Write out every line below that includes the word "with".

WORKING DATA:
______________________________
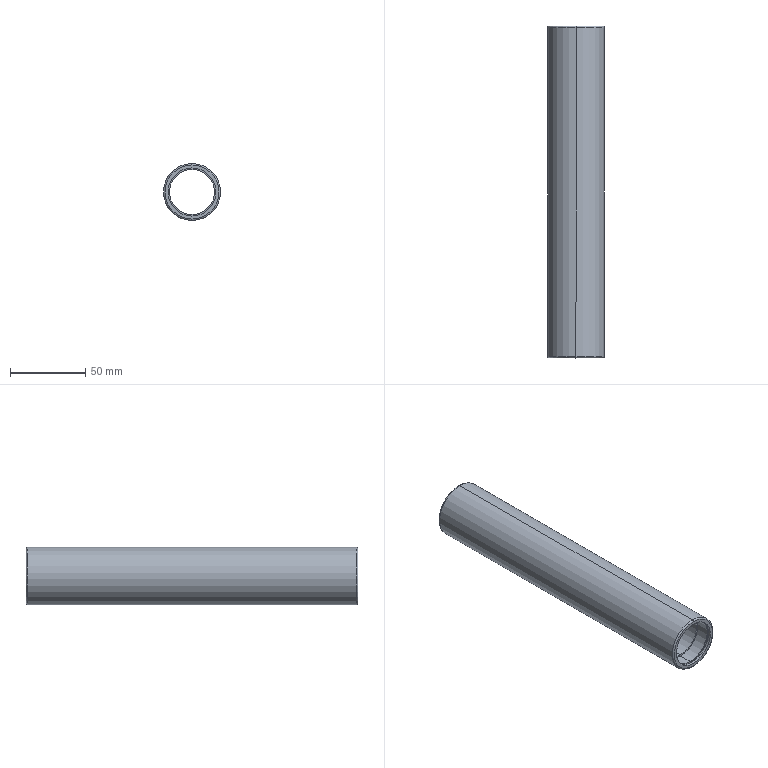Component | SolidWorks | 8TC-A15004-83-00-16_8TC-A15004-80-13A-1 | 1 solid | 28 faces | box 38 x 221 x 38 mm | volume 91799 mm3 | cylinder 16 | plane 8 | torus 4 | commonest cylinder face diameters 32 x8 33.7 x4 38 x2 30 x2 | material #45
build123d program:
from build123d import *

# Parameters (mm, degrees)
FILLET1_R = 1


with BuildPart() as part:
    # Sketch1 → Revolve1 (revolve)
    with BuildSketch(Plane(origin=(0, 0, 0), x_dir=(1, 0, 0), z_dir=(0, 1, 0)), mode=Mode.PRIVATE) as revolve1_sk:
        Polygon((98.5, 15), (-98.5, 15), (-98.5, 16), (-107.5, 16), (-107.5, 16.85), (-108.85, 16.85), (-108.85, 16), (-110.5, 16), (-110.5, 19), (110.5, 19), (110.5, 16), (108.85, 16), (108.85, 16.85), (107.5, 16.85), (107.5, 16), (98.5, 16), align=None)
    revolve(revolve1_sk.sketch.rotate(Axis((-29.776, 0, 0), (1, 0, 0)), 180), axis=Axis((-29.776, 0, 0), (1, 0, 0)))

    # Fillet1
    fillet1_edges = [part.edges().sort_by_distance(p)[0] for p in [
        (-110.5, 0, -19),
        (110.5, 0, -19),
    ]]
    fillet(fillet1_edges, radius=FILLET1_R)


solid = part.part

# Placed as in the assembly
solid = solid.moved(Location((40, 130, 60), (0, 0, 90)))
STEP:
#1=COLOUR_RGB('',0.7922,0.8196,0.9333);
#2=FILL_AREA_STYLE_COLOUR('',#1);
#3=FILL_AREA_STYLE('',(#2));
#4=SURFACE_STYLE_FILL_AREA(#3);
#5=SURFACE_SIDE_STYLE('',(#4));
#6=SURFACE_STYLE_USAGE(.BOTH.,#5);
#7=PRESENTATION_STYLE_ASSIGNMENT((#6));
#8=CARTESIAN_POINT('',(1.575,0.7677,3.071));
#9=VERTEX_POINT('',#8);
#10=CARTESIAN_POINT('',(1.575,0.7677,1.654));
#11=VERTEX_POINT('',#10);
#12=CARTESIAN_POINT('',(1.575,0.7677,2.362));
#13=DIRECTION('',(-0.,-1.,0.));
#14=DIRECTION('',(0.,0.,-1.));
#15=AXIS2_PLACEMENT_3D('',#12,#13,#14);
#16=CIRCLE('',#15,0.7087);
#17=EDGE_CURVE('',#9,#11,#16,.T.);
#18=ORIENTED_EDGE('',*,*,#17,.F.);
#19=CARTESIAN_POINT('',(1.575,0.8071,3.11));
#20=VERTEX_POINT('',#19);
#21=CARTESIAN_POINT('',(1.575,0.8071,3.071));
#22=DIRECTION('',(-1.,0.,-0.));
#23=DIRECTION('',(0.,-1.,0.));
#24=AXIS2_PLACEMENT_3D('',#21,#22,#23);
#25=CIRCLE('',#24,0.03937);
#26=EDGE_CURVE('',#9,#20,#25,.T.);
#27=ORIENTED_EDGE('',*,*,#26,.T.);
#28=CARTESIAN_POINT('',(1.575,0.8071,1.614));
#29=VERTEX_POINT('',#28);
#30=CARTESIAN_POINT('',(1.575,0.8071,2.362));
#31=DIRECTION('',(0.,1.,0.));
#32=DIRECTION('',(0.,0.,-1.));
#33=AXIS2_PLACEMENT_3D('',#30,#31,#32);
#34=CIRCLE('',#33,0.748);
#35=EDGE_CURVE('',#29,#20,#34,.T.);
#36=ORIENTED_EDGE('',*,*,#35,.F.);
#37=CARTESIAN_POINT('',(1.575,0.8071,1.654));
#38=DIRECTION('',(1.,-0.,0.));
#39=DIRECTION('',(0.,1.,0.));
#40=AXIS2_PLACEMENT_3D('',#37,#38,#39);
#41=CIRCLE('',#40,0.03937);
#42=EDGE_CURVE('',#11,#29,#41,.T.);
#43=ORIENTED_EDGE('',*,*,#42,.F.);
#44=EDGE_LOOP('',(#18,#27,#36,#43));
#45=FACE_OUTER_BOUND('',#44,.T.);
#46=CARTESIAN_POINT('',(1.575,0.8071,2.362));
#47=DIRECTION('',(0.,1.,0.));
#48=DIRECTION('',(0.,0.,-1.));
#49=AXIS2_PLACEMENT_3D('',#46,#47,#48);
#50=TOROIDAL_SURFACE('',#49,0.7087,0.03937);
#51=ADVANCED_FACE('',(#45),#50,.T.);
#52=CARTESIAN_POINT('',(1.575,9.469,1.654));
#53=VERTEX_POINT('',#52);
#54=CARTESIAN_POINT('',(1.575,9.469,3.071));
#55=VERTEX_POINT('',#54);
#56=CARTESIAN_POINT('',(1.575,9.469,2.362));
#57=DIRECTION('',(0.,1.,0.));
#58=DIRECTION('',(0.,0.,1.));
#59=AXIS2_PLACEMENT_3D('',#56,#57,#58);
#60=CIRCLE('',#59,0.7087);
#61=EDGE_CURVE('',#53,#55,#60,.T.);
#62=ORIENTED_EDGE('',*,*,#61,.F.);
#63=CARTESIAN_POINT('',(1.575,9.429,1.614));
#64=VERTEX_POINT('',#63);
#65=CARTESIAN_POINT('',(1.575,9.429,1.654));
#66=DIRECTION('',(-1.,0.,0.));
#67=DIRECTION('',(0.,-1.,0.));
#68=AXIS2_PLACEMENT_3D('',#65,#66,#67);
#69=CIRCLE('',#68,0.03937);
#70=EDGE_CURVE('',#53,#64,#69,.T.);
#71=ORIENTED_EDGE('',*,*,#70,.T.);
#72=CARTESIAN_POINT('',(1.575,9.429,3.11));
#73=VERTEX_POINT('',#72);
#74=CARTESIAN_POINT('',(1.575,9.429,2.362));
#75=DIRECTION('',(-0.,-1.,0.));
#76=DIRECTION('',(0.,0.,1.));
#77=AXIS2_PLACEMENT_3D('',#74,#75,#76);
#78=CIRCLE('',#77,0.748);
#79=EDGE_CURVE('',#73,#64,#78,.T.);
#80=ORIENTED_EDGE('',*,*,#79,.F.);
#81=CARTESIAN_POINT('',(1.575,9.429,3.071));
#82=DIRECTION('',(1.,-0.,0.));
#83=DIRECTION('',(0.,1.,0.));
#84=AXIS2_PLACEMENT_3D('',#81,#82,#83);
#85=CIRCLE('',#84,0.03937);
#86=EDGE_CURVE('',#55,#73,#85,.T.);
#87=ORIENTED_EDGE('',*,*,#86,.F.);
#88=EDGE_LOOP('',(#62,#71,#80,#87));
#89=FACE_OUTER_BOUND('',#88,.T.);
#90=CARTESIAN_POINT('',(1.575,9.429,2.362));
#91=DIRECTION('',(-0.,-1.,0.));
#92=DIRECTION('',(0.,0.,1.));
#93=AXIS2_PLACEMENT_3D('',#90,#91,#92);
#94=TOROIDAL_SURFACE('',#93,0.7087,0.03937);
#95=ADVANCED_FACE('',(#89),#94,.T.);
#96=CARTESIAN_POINT('',(1.575,1.24,1.732));
#97=VERTEX_POINT('',#96);
#98=CARTESIAN_POINT('',(1.575,1.24,2.992));
#99=VERTEX_POINT('',#98);
#100=CARTESIAN_POINT('',(1.575,1.24,2.362));
#101=DIRECTION('',(-0.,-1.,0.));
#102=DIRECTION('',(0.,0.,1.));
#103=AXIS2_PLACEMENT_3D('',#100,#101,#102);
#104=CIRCLE('',#103,0.6299);
#105=EDGE_CURVE('',#97,#99,#104,.T.);
#106=ORIENTED_EDGE('',*,*,#105,.F.);
#107=CARTESIAN_POINT('',(1.575,0.8858,1.732));
#108=VERTEX_POINT('',#107);
#109=CARTESIAN_POINT('',(1.575,3.946,1.732));
#110=DIRECTION('',(-0.,-1.,0.));
#111=VECTOR('',#110,39.37);
#112=LINE('',#109,#111);
#113=EDGE_CURVE('',#97,#108,#112,.T.);
#114=ORIENTED_EDGE('',*,*,#113,.T.);
#115=CARTESIAN_POINT('',(1.575,0.8858,2.992));
#116=VERTEX_POINT('',#115);
#117=CARTESIAN_POINT('',(1.575,0.8858,2.362));
#118=DIRECTION('',(-0.,-1.,0.));
#119=DIRECTION('',(0.,0.,1.));
#120=AXIS2_PLACEMENT_3D('',#117,#118,#119);
#121=CIRCLE('',#120,0.6299);
#122=EDGE_CURVE('',#108,#116,#121,.T.);
#123=ORIENTED_EDGE('',*,*,#122,.T.);
#124=CARTESIAN_POINT('',(1.575,3.946,2.992));
#125=DIRECTION('',(-0.,-1.,0.));
#126=VECTOR('',#125,39.37);
#127=LINE('',#124,#126);
#128=EDGE_CURVE('',#99,#116,#127,.T.);
#129=ORIENTED_EDGE('',*,*,#128,.F.);
#130=EDGE_LOOP('',(#106,#114,#123,#129));
#131=FACE_OUTER_BOUND('',#130,.T.);
#132=CARTESIAN_POINT('',(1.575,3.946,2.362));
#133=DIRECTION('',(-0.,-1.,0.));
#134=DIRECTION('',(0.,0.,1.));
#135=AXIS2_PLACEMENT_3D('',#132,#133,#134);
#136=CYLINDRICAL_SURFACE('',#135,0.6299);
#137=ADVANCED_FACE('',(#131),#136,.F.);
#138=CARTESIAN_POINT('',(1.575,0.8858,1.699));
#139=VERTEX_POINT('',#138);
#140=CARTESIAN_POINT('',(1.575,0.8858,3.026));
#141=VERTEX_POINT('',#140);
#142=CARTESIAN_POINT('',(1.575,0.8858,2.362));
#143=DIRECTION('',(-0.,-1.,0.));
#144=DIRECTION('',(0.,0.,1.));
#145=AXIS2_PLACEMENT_3D('',#142,#143,#144);
#146=CIRCLE('',#145,0.6634);
#147=EDGE_CURVE('',#139,#141,#146,.T.);
#148=ORIENTED_EDGE('',*,*,#147,.F.);
#149=CARTESIAN_POINT('',(1.575,0.8327,1.699));
#150=VERTEX_POINT('',#149);
#151=CARTESIAN_POINT('',(1.575,3.946,1.699));
#152=DIRECTION('',(-0.,-1.,0.));
#153=VECTOR('',#152,39.37);
#154=LINE('',#151,#153);
#155=EDGE_CURVE('',#139,#150,#154,.T.);
#156=ORIENTED_EDGE('',*,*,#155,.T.);
#157=CARTESIAN_POINT('',(1.575,0.8327,3.026));
#158=VERTEX_POINT('',#157);
#159=CARTESIAN_POINT('',(1.575,0.8327,2.362));
#160=DIRECTION('',(-0.,-1.,0.));
#161=DIRECTION('',(0.,0.,1.));
#162=AXIS2_PLACEMENT_3D('',#159,#160,#161);
#163=CIRCLE('',#162,0.6634);
#164=EDGE_CURVE('',#150,#158,#163,.T.);
#165=ORIENTED_EDGE('',*,*,#164,.T.);
#166=CARTESIAN_POINT('',(1.575,3.946,3.026));
#167=DIRECTION('',(-0.,-1.,0.));
#168=VECTOR('',#167,39.37);
#169=LINE('',#166,#168);
#170=EDGE_CURVE('',#141,#158,#169,.T.);
#171=ORIENTED_EDGE('',*,*,#170,.F.);
#172=EDGE_LOOP('',(#148,#156,#165,#171));
#173=FACE_OUTER_BOUND('',#172,.T.);
#174=CARTESIAN_POINT('',(1.575,3.946,2.362));
#175=DIRECTION('',(-0.,-1.,0.));
#176=DIRECTION('',(0.,0.,1.));
#177=AXIS2_PLACEMENT_3D('',#174,#175,#176);
#178=CYLINDRICAL_SURFACE('',#177,0.6634);
#179=ADVANCED_FACE('',(#173),#178,.F.);
#180=CARTESIAN_POINT('',(1.575,0.8327,1.732));
#181=VERTEX_POINT('',#180);
#182=CARTESIAN_POINT('',(1.575,0.8327,2.992));
#183=VERTEX_POINT('',#182);
#184=CARTESIAN_POINT('',(1.575,0.8327,2.362));
#185=DIRECTION('',(-0.,-1.,0.));
#186=DIRECTION('',(0.,0.,1.));
#187=AXIS2_PLACEMENT_3D('',#184,#185,#186);
#188=CIRCLE('',#187,0.6299);
#189=EDGE_CURVE('',#181,#183,#188,.T.);
#190=ORIENTED_EDGE('',*,*,#189,.F.);
#191=CARTESIAN_POINT('',(1.575,0.7677,1.732));
#192=VERTEX_POINT('',#191);
#193=CARTESIAN_POINT('',(1.575,3.946,1.732));
#194=DIRECTION('',(-0.,-1.,0.));
#195=VECTOR('',#194,39.37);
#196=LINE('',#193,#195);
#197=EDGE_CURVE('',#181,#192,#196,.T.);
#198=ORIENTED_EDGE('',*,*,#197,.T.);
#199=CARTESIAN_POINT('',(1.575,0.7677,2.992));
#200=VERTEX_POINT('',#199);
#201=CARTESIAN_POINT('',(1.575,0.7677,2.362));
#202=DIRECTION('',(-0.,-1.,0.));
#203=DIRECTION('',(0.,0.,1.));
#204=AXIS2_PLACEMENT_3D('',#201,#202,#203);
#205=CIRCLE('',#204,0.6299);
#206=EDGE_CURVE('',#192,#200,#205,.T.);
#207=ORIENTED_EDGE('',*,*,#206,.T.);
#208=CARTESIAN_POINT('',(1.575,3.946,2.992));
#209=DIRECTION('',(-0.,-1.,0.));
#210=VECTOR('',#209,39.37);
#211=LINE('',#208,#210);
#212=EDGE_CURVE('',#183,#200,#211,.T.);
#213=ORIENTED_EDGE('',*,*,#212,.F.);
#214=EDGE_LOOP('',(#190,#198,#207,#213));
#215=FACE_OUTER_BOUND('',#214,.T.);
#216=CARTESIAN_POINT('',(1.575,3.946,2.362));
#217=DIRECTION('',(-0.,-1.,0.));
#218=DIRECTION('',(0.,0.,1.));
#219=AXIS2_PLACEMENT_3D('',#216,#217,#218);
#220=CYLINDRICAL_SURFACE('',#219,0.6299);
#221=ADVANCED_FACE('',(#215),#220,.F.);
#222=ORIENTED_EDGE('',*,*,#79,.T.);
______________________________
ANSWER SPACE:
with BuildPart() as part:
    with BuildSketch(Plane(origin=(0, 0, 0), x_dir=(1, 0, 0), z_dir=(0, 1, 0)), mode=Mode.PRIVATE) as revolve1_sk:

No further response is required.